Source data:
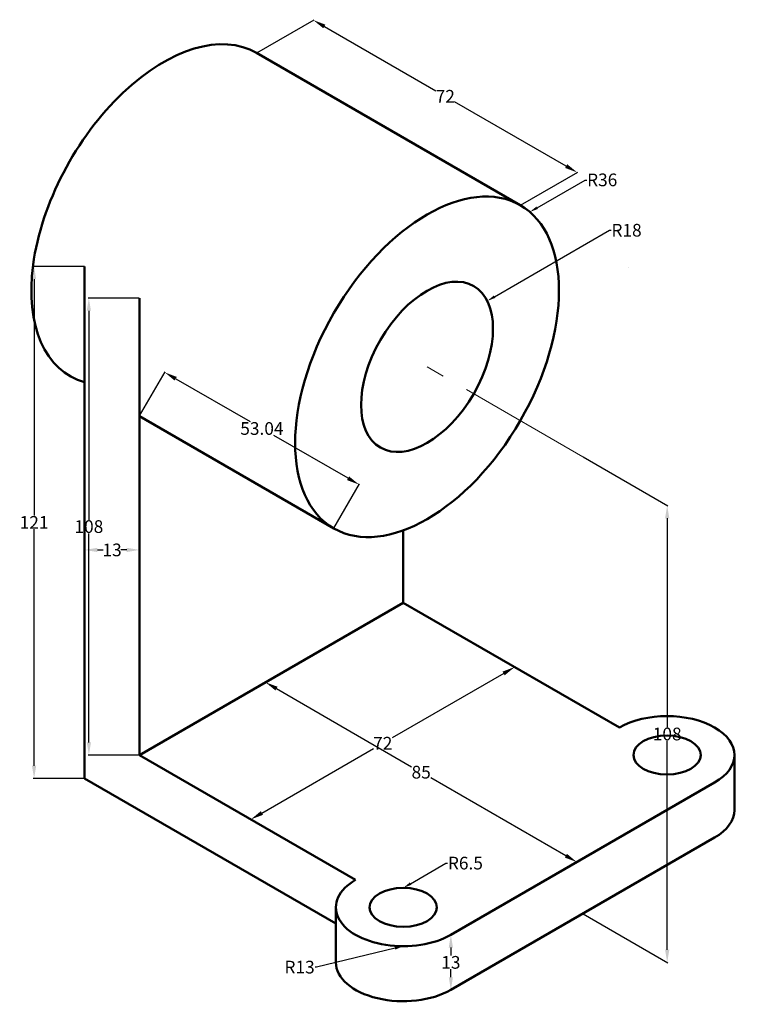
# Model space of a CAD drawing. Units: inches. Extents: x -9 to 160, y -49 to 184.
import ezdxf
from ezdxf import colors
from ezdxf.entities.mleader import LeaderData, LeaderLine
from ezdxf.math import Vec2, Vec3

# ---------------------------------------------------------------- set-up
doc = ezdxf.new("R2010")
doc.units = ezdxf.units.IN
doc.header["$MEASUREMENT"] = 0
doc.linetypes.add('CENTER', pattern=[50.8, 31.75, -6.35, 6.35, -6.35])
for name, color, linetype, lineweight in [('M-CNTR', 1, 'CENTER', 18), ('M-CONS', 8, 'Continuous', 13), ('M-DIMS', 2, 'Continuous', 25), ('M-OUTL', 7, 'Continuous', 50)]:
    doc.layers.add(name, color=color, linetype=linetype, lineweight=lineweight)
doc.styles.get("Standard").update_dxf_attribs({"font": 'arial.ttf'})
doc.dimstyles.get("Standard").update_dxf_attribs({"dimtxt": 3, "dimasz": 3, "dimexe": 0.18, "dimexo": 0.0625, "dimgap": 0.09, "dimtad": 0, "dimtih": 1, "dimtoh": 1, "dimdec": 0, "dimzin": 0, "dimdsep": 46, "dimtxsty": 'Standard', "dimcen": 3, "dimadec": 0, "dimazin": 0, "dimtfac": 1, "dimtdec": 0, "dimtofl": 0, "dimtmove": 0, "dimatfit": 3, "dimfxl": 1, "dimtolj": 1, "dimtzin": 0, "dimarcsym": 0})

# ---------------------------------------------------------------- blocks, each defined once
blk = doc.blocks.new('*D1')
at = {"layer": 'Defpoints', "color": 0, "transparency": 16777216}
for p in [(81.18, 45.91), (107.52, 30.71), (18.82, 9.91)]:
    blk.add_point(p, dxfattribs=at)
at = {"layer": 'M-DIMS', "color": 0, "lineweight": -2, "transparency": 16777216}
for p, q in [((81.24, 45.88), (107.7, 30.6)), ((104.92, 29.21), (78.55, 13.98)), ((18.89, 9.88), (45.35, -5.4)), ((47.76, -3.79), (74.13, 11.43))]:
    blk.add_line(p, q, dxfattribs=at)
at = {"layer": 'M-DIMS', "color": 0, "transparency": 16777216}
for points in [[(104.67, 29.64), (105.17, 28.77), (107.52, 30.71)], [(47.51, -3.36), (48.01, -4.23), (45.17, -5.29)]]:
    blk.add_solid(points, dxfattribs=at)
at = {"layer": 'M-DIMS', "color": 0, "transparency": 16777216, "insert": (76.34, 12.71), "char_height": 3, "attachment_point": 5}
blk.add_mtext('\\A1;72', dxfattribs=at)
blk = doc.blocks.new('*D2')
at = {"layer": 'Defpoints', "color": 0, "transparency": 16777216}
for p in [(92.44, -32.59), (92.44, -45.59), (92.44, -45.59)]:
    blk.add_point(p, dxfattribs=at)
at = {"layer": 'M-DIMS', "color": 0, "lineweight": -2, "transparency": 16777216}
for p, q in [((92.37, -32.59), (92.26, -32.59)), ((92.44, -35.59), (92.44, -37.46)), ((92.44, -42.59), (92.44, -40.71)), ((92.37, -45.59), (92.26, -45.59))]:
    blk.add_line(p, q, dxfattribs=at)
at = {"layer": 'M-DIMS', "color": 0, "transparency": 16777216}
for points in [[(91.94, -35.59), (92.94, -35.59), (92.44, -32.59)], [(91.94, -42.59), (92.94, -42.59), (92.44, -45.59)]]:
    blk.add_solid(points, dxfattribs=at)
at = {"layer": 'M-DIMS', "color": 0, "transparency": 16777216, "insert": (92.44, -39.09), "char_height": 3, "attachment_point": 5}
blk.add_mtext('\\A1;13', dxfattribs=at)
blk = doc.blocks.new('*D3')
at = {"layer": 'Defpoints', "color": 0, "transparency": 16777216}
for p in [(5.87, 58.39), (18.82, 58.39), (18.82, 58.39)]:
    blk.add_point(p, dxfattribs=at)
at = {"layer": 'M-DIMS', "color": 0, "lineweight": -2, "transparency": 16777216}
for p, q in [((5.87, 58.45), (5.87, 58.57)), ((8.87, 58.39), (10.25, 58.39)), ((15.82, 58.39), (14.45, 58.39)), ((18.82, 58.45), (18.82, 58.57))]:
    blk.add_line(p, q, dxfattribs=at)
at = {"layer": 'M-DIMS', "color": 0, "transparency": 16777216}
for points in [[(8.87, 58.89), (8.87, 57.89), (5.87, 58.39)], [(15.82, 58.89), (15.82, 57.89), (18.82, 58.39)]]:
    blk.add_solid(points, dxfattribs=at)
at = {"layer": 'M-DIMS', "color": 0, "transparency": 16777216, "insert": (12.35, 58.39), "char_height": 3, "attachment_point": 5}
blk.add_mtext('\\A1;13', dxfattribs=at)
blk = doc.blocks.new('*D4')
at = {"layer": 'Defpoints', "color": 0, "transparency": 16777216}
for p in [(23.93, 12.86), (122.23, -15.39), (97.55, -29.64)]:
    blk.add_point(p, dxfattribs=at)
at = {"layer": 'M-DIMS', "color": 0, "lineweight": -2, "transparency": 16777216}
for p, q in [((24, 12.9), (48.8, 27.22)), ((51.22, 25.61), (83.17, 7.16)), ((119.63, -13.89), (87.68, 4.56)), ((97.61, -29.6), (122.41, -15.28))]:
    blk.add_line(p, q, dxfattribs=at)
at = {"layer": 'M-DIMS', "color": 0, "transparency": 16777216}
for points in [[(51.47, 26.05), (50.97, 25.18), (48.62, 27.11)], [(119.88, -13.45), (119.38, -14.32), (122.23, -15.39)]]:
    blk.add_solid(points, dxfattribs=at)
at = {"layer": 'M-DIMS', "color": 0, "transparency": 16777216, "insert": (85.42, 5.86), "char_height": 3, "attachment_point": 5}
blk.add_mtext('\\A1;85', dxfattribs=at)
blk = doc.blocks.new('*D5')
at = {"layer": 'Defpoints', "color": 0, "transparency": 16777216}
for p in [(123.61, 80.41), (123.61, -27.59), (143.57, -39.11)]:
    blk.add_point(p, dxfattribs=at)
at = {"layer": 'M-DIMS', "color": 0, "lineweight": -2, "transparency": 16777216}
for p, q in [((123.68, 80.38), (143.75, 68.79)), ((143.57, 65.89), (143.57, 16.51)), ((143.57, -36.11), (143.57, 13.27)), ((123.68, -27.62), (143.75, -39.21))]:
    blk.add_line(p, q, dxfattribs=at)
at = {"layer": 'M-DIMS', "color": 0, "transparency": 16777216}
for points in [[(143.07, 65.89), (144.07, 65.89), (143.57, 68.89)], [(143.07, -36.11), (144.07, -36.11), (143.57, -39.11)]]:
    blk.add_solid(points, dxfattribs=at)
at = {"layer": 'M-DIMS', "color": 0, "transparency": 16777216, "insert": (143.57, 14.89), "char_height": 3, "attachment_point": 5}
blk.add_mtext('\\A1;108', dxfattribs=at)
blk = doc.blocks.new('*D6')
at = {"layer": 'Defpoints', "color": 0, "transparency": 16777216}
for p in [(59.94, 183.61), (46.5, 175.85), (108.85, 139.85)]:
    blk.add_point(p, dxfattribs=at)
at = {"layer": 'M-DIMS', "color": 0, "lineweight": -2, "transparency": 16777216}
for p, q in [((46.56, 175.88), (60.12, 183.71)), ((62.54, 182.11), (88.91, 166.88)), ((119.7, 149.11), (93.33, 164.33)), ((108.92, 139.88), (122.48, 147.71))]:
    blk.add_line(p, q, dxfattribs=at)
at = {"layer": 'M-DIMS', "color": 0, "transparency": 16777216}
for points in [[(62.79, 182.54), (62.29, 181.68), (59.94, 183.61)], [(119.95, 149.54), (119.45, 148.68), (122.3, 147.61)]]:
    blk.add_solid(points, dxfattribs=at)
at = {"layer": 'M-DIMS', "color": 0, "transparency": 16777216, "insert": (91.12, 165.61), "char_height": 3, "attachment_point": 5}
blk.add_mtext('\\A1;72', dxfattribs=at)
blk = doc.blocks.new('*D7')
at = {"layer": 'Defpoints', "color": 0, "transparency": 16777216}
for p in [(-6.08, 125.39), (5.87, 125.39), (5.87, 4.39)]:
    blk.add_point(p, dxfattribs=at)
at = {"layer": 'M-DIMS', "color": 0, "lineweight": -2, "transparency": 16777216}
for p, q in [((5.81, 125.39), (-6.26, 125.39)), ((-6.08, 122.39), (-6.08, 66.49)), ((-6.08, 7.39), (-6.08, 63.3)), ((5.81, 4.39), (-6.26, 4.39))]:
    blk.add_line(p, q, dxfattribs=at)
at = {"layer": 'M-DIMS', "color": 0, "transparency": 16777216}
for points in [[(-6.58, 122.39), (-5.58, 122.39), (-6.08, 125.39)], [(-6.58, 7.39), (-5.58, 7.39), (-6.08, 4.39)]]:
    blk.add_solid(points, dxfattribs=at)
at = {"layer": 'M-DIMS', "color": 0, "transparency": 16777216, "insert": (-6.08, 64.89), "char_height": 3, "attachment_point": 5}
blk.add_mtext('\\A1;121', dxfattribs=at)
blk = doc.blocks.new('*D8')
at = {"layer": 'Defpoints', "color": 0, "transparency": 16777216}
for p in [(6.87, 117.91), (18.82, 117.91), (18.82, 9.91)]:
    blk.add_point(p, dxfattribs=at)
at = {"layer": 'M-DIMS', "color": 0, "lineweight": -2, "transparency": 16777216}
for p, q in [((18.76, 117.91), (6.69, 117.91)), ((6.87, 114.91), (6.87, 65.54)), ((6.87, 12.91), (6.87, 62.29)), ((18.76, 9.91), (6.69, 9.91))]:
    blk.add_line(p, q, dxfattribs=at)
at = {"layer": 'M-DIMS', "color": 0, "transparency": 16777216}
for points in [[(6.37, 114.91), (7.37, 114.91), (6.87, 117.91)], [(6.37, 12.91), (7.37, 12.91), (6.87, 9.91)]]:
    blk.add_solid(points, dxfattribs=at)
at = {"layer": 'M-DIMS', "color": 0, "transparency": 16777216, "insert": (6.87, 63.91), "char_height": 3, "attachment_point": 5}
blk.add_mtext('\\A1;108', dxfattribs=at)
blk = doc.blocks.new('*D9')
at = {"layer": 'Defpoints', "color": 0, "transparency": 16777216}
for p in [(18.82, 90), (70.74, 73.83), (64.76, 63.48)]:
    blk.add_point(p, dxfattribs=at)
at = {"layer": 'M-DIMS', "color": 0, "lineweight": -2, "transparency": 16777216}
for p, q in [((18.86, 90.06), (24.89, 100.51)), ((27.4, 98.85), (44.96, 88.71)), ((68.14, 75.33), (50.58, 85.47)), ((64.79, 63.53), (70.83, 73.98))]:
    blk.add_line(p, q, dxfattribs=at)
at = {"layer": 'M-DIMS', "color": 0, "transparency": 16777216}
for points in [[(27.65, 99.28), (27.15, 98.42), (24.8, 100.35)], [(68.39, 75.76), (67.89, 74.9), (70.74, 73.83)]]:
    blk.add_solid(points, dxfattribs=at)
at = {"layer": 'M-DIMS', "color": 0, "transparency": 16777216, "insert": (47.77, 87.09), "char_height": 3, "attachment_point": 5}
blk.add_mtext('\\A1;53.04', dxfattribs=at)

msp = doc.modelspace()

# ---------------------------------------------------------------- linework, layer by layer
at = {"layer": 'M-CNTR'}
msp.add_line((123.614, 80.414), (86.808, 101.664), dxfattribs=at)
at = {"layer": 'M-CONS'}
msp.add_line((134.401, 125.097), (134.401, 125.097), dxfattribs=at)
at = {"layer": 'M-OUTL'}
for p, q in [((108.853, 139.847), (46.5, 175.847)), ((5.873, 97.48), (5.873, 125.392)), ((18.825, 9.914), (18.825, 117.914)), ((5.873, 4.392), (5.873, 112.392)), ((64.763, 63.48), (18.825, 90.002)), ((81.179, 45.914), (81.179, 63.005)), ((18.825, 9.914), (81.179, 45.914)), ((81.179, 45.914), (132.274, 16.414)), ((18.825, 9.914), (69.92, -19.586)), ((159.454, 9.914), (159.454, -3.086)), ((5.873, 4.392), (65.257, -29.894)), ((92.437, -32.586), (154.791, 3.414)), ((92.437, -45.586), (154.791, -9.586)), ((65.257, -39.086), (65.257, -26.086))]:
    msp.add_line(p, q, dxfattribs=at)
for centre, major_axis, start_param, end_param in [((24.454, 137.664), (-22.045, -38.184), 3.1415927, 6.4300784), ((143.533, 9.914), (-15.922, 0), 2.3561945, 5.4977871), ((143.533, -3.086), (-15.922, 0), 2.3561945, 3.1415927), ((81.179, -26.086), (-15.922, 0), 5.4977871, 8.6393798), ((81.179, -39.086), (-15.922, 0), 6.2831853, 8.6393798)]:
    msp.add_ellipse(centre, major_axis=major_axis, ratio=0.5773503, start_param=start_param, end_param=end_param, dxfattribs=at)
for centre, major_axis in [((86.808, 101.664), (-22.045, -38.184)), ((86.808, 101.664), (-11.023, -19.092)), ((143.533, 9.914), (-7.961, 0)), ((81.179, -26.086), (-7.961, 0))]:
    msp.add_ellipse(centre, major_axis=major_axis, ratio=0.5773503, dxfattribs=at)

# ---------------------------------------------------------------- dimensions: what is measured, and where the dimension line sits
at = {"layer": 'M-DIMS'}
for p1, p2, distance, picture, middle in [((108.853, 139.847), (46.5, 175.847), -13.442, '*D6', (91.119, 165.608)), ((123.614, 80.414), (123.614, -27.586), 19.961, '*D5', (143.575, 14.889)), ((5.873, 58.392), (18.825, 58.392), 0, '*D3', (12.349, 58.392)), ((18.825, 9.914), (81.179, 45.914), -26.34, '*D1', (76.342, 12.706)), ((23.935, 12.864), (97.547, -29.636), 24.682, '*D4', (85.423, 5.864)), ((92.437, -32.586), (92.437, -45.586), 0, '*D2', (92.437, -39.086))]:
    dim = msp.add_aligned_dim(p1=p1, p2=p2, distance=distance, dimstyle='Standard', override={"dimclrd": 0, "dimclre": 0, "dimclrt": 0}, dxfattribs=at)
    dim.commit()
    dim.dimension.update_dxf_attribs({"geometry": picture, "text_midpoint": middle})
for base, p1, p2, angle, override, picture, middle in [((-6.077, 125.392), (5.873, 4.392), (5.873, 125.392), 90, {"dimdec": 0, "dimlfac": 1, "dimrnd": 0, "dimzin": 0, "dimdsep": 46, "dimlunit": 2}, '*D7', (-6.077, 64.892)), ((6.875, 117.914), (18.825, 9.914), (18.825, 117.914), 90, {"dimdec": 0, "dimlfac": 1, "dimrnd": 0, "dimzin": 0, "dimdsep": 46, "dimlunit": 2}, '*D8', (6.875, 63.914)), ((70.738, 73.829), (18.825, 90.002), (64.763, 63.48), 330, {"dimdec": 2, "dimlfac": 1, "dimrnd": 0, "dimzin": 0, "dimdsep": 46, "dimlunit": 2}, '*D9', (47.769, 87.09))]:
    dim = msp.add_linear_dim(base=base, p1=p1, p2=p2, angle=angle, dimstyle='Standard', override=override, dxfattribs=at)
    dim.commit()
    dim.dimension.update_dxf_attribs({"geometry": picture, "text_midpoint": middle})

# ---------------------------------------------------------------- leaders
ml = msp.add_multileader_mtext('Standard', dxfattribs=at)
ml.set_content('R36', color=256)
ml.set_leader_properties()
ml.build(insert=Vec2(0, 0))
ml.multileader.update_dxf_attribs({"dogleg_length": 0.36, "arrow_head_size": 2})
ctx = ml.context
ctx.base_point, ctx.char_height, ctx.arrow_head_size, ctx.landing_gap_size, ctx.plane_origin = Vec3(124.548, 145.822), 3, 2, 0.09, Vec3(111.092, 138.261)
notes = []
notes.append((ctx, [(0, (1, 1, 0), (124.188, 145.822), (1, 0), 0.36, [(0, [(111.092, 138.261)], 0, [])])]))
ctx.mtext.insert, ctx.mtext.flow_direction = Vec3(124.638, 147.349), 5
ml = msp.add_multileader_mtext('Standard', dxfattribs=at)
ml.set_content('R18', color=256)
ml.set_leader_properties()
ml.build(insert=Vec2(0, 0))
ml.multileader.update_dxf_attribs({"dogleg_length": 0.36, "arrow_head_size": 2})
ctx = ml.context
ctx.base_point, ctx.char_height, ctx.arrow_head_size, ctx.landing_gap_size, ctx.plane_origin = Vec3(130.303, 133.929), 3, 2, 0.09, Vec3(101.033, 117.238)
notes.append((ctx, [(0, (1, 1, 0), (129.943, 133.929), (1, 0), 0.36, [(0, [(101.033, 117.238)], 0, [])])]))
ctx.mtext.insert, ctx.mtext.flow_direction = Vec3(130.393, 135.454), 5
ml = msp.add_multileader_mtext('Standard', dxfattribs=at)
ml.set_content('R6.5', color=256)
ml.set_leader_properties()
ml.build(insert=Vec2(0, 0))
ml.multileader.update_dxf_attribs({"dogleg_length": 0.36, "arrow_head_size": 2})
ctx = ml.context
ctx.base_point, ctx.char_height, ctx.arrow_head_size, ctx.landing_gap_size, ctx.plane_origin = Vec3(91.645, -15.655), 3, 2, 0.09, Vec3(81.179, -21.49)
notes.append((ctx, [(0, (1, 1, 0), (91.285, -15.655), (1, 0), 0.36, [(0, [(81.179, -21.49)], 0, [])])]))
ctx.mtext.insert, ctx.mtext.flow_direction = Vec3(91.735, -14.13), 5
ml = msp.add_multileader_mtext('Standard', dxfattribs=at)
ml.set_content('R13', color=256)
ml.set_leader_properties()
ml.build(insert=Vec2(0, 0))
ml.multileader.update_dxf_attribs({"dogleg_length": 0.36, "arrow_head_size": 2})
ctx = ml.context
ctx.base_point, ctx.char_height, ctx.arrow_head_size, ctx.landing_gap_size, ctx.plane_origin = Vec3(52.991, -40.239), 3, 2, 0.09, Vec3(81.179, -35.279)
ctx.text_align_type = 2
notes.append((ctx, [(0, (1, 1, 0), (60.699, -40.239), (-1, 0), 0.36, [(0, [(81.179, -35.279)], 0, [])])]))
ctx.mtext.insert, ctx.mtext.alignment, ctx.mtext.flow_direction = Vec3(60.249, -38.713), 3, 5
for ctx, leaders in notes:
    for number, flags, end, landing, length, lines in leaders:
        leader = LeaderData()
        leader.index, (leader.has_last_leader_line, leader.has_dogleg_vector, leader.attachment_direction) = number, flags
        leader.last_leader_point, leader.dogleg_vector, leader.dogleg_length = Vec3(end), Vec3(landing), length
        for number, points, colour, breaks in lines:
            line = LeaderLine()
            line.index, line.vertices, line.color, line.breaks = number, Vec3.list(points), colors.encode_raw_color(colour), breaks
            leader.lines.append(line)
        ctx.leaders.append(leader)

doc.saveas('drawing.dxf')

## [Task brief]
Find every line above where the word "name" occurs, and copy that line.

## [Response to the task]
for name, color, linetype, lineweight in [('M-CNTR', 1, 'CENTER', 18), ('M-CONS', 8, 'Continuous', 13), ('M-DIMS', 2, 'Continuous', 25), ('M-OUTL', 7, 'Continuous', 50)]:
    doc.layers.add(name, color=color, linetype=linetype, lineweight=lineweight)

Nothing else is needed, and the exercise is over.